Consider the entries below. Count the lines holding the string "under" and state the number only.

__________________________________________________

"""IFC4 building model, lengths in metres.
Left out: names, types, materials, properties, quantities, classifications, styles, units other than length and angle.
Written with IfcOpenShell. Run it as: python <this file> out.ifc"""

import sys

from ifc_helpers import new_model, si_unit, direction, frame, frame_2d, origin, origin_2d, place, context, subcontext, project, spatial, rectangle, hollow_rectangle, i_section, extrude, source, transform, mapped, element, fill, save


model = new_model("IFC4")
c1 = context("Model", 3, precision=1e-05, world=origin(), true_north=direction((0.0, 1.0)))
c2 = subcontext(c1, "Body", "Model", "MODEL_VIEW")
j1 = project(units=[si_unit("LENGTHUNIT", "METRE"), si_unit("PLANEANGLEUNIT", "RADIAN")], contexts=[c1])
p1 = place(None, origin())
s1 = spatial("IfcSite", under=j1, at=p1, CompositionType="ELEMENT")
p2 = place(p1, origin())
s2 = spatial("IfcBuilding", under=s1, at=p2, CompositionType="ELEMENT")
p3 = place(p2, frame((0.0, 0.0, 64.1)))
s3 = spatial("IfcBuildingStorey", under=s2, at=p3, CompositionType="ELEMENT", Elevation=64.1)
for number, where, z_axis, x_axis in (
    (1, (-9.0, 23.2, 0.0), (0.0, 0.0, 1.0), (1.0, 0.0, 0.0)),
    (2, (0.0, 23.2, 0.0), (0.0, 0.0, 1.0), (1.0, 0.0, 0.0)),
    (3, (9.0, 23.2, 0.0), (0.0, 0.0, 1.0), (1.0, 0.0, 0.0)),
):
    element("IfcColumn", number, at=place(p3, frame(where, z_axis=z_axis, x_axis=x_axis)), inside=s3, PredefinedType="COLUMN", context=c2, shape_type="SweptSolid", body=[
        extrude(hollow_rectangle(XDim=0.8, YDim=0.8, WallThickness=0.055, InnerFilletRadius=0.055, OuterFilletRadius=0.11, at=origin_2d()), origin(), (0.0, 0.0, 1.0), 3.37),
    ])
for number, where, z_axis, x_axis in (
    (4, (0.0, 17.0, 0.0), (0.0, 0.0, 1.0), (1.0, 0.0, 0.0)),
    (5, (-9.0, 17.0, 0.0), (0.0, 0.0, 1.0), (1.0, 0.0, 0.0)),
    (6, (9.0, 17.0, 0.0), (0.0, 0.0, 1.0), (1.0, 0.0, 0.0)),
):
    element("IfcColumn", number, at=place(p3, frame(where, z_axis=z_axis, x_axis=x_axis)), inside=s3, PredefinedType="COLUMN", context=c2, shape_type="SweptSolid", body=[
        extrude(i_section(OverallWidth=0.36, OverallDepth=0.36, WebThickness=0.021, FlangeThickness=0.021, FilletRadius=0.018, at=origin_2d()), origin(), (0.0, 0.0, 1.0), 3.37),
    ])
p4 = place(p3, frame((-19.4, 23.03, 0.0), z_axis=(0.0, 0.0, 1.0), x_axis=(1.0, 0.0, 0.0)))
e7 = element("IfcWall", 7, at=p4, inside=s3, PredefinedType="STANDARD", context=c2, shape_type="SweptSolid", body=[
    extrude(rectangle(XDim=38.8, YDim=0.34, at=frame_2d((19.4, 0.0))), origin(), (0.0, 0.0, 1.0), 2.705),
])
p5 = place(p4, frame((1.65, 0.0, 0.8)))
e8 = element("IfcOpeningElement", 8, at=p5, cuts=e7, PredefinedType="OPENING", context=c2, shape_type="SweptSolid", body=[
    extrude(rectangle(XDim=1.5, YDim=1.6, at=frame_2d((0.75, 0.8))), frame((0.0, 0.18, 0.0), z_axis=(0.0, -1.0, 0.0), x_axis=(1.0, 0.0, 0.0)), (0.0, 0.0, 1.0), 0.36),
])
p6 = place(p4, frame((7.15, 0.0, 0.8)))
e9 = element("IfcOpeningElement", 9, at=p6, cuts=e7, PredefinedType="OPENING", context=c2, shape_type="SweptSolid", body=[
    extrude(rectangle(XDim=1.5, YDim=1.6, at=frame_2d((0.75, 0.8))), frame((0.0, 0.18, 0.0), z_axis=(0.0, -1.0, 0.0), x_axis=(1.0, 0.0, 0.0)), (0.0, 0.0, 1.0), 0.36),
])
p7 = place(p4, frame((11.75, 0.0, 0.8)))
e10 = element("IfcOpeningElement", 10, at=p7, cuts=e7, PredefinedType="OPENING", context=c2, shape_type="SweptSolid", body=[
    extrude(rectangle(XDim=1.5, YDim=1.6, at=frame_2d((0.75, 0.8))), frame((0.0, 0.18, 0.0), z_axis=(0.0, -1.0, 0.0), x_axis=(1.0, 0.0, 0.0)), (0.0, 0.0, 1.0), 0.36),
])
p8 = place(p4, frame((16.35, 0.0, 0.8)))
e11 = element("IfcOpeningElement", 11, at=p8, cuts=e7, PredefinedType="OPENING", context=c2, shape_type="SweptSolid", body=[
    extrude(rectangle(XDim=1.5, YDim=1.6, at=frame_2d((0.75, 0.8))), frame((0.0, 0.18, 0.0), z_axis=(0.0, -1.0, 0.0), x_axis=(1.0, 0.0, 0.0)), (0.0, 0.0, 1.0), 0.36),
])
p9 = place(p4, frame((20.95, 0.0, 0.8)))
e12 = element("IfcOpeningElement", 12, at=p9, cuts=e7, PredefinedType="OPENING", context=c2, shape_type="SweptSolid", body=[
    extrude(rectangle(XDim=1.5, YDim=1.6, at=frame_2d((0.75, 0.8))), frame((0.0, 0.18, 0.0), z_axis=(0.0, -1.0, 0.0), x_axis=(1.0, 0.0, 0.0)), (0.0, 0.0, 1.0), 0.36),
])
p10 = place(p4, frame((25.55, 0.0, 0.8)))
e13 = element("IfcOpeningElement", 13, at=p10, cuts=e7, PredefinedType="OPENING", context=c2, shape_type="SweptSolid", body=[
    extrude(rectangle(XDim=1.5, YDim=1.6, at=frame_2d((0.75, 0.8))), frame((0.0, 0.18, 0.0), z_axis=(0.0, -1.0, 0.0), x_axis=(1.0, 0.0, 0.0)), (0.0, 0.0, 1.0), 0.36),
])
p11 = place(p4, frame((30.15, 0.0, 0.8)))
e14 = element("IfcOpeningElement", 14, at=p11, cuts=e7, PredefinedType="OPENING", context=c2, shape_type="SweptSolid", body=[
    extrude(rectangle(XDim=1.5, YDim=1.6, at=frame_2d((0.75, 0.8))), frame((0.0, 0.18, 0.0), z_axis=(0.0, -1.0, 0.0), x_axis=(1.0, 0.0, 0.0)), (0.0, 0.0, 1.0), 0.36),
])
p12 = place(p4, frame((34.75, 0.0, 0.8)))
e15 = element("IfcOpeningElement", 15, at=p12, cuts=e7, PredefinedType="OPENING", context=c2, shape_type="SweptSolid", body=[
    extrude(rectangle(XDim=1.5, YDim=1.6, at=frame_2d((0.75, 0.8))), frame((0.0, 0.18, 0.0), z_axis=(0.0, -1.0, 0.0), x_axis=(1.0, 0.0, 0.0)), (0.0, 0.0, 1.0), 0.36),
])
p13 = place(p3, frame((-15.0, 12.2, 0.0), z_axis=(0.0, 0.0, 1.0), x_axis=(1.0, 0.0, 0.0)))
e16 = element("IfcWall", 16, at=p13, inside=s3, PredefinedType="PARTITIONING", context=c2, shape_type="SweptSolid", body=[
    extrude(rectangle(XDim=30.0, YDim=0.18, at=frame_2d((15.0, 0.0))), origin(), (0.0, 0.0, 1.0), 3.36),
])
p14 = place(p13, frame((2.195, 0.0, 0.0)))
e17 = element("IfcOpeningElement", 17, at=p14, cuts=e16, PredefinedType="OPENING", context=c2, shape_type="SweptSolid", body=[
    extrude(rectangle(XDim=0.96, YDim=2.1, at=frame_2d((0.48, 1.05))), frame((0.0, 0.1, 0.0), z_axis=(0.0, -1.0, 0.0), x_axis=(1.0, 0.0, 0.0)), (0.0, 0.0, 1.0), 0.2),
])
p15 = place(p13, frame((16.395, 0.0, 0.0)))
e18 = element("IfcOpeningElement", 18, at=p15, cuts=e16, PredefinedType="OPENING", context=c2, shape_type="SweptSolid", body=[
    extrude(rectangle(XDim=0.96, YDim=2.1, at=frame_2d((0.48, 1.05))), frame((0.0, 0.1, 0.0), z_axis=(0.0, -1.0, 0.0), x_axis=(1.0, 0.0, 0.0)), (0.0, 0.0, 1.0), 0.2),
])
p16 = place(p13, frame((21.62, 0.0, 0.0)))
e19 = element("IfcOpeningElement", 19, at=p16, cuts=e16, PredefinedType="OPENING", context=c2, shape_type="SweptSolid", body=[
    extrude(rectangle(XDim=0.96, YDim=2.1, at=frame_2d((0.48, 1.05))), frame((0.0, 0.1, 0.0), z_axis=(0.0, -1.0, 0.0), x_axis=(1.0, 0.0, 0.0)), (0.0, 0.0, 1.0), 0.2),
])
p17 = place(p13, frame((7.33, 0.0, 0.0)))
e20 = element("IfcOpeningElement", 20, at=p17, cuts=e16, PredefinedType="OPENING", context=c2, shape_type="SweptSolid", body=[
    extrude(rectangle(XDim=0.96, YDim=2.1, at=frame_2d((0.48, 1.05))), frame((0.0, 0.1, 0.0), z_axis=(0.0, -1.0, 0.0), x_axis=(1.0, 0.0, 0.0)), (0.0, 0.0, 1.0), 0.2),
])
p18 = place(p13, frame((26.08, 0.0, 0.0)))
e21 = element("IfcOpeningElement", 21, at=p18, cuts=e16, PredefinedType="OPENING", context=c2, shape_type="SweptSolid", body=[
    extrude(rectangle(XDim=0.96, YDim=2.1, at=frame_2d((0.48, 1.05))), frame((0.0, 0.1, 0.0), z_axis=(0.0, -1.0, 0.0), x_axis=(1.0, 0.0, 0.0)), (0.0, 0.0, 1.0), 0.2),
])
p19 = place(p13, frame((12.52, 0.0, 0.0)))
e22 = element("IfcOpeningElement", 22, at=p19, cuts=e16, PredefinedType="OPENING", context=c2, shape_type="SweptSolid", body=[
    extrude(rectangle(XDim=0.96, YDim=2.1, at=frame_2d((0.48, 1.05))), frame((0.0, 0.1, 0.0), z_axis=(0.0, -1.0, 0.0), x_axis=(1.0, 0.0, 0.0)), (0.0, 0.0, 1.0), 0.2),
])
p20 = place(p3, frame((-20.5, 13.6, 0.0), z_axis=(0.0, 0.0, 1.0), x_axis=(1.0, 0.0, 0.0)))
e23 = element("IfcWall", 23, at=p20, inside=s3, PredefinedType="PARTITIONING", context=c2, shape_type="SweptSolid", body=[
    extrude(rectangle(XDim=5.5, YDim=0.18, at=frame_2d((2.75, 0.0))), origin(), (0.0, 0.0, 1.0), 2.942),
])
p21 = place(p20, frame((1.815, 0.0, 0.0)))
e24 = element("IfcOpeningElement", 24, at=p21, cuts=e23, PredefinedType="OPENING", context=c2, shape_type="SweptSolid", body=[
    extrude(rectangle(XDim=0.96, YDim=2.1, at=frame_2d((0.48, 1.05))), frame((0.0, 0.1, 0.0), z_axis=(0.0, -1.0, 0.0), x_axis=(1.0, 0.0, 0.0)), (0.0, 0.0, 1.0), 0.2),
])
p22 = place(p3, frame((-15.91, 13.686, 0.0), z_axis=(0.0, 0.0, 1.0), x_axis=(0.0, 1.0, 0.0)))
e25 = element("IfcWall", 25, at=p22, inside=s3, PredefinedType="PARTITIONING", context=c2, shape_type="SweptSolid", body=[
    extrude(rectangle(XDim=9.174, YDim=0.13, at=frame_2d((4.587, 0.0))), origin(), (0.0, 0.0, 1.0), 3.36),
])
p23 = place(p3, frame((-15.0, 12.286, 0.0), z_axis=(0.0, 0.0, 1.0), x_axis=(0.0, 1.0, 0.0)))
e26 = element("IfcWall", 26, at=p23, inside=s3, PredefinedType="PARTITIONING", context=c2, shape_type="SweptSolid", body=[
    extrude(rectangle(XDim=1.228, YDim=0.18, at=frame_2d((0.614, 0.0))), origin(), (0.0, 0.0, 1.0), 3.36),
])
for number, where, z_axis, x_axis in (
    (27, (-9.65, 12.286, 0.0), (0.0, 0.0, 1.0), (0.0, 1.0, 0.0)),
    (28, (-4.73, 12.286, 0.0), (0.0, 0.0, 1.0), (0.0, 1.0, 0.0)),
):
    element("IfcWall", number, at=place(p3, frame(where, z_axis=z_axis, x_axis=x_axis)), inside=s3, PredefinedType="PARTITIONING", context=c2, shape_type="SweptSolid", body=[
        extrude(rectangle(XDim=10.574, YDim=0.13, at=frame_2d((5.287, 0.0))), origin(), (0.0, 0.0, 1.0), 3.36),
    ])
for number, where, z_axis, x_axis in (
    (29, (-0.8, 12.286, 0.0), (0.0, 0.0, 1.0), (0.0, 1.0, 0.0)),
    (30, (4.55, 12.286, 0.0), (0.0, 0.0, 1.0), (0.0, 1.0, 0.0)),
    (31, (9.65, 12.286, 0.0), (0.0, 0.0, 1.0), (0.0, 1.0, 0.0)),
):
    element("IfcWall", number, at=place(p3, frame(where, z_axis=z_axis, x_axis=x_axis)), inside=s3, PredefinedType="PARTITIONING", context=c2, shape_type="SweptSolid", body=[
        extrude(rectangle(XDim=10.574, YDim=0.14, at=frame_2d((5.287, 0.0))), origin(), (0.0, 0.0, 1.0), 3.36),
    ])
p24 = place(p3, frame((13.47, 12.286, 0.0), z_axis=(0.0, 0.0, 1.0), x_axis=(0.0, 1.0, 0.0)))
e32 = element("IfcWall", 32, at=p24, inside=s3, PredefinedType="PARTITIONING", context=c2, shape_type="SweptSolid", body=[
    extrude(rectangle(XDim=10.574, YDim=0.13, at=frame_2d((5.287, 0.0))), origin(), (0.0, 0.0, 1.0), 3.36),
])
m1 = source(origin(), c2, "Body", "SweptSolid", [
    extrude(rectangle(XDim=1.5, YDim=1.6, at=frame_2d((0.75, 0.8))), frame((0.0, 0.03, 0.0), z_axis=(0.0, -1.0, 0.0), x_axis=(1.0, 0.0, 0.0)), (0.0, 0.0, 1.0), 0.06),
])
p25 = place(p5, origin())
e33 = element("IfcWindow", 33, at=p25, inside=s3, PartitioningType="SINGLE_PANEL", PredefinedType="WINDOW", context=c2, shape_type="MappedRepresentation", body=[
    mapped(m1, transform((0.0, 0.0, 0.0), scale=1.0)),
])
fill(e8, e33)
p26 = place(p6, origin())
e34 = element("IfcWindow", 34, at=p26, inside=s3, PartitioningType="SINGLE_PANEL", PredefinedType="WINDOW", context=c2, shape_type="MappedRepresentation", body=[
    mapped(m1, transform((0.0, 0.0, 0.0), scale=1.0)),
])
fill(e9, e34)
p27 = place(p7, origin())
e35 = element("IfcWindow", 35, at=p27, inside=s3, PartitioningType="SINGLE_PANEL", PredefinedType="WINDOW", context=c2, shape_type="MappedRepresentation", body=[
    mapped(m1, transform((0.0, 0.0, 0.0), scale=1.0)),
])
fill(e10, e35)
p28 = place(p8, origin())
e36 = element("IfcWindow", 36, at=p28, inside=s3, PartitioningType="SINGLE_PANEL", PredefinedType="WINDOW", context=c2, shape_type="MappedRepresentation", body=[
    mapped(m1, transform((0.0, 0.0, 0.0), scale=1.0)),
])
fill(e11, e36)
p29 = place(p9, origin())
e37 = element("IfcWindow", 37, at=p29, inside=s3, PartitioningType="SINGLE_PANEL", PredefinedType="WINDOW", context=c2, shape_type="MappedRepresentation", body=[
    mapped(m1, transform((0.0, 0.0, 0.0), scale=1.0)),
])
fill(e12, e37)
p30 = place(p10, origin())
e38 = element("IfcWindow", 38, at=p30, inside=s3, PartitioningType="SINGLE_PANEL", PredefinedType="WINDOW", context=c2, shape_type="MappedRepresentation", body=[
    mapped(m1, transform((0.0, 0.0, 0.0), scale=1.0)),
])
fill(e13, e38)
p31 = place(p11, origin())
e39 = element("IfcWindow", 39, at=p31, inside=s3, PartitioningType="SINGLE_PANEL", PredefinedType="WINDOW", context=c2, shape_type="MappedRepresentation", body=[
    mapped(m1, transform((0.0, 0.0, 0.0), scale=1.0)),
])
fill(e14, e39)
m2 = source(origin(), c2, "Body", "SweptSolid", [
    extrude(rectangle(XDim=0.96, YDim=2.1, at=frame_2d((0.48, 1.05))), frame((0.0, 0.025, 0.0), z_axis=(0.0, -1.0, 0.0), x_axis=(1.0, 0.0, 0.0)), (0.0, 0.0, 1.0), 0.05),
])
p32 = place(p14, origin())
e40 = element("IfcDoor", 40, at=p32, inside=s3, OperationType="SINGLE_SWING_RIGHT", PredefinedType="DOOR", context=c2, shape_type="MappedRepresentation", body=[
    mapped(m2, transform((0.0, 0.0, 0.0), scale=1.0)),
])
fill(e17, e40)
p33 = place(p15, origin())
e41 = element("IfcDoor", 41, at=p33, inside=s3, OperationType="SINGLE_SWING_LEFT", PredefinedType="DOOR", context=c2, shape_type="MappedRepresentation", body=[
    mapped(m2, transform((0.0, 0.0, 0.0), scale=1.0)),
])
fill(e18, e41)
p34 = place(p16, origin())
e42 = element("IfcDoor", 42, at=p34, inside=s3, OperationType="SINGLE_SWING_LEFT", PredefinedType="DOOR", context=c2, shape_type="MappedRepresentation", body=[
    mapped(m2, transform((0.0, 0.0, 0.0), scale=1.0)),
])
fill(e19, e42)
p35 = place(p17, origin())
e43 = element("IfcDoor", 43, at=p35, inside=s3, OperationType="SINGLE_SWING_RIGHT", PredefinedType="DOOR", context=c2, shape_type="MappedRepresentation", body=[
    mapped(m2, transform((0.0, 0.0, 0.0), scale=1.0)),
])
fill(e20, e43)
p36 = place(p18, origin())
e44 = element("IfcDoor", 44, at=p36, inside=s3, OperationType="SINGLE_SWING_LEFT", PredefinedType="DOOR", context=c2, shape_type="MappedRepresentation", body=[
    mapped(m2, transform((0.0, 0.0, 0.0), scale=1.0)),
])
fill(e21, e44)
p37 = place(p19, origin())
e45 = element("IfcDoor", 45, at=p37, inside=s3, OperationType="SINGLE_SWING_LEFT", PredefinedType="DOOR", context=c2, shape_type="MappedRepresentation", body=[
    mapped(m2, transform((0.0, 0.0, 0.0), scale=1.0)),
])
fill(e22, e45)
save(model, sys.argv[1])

__________________________________________________

#### ANSWER SPACE:
3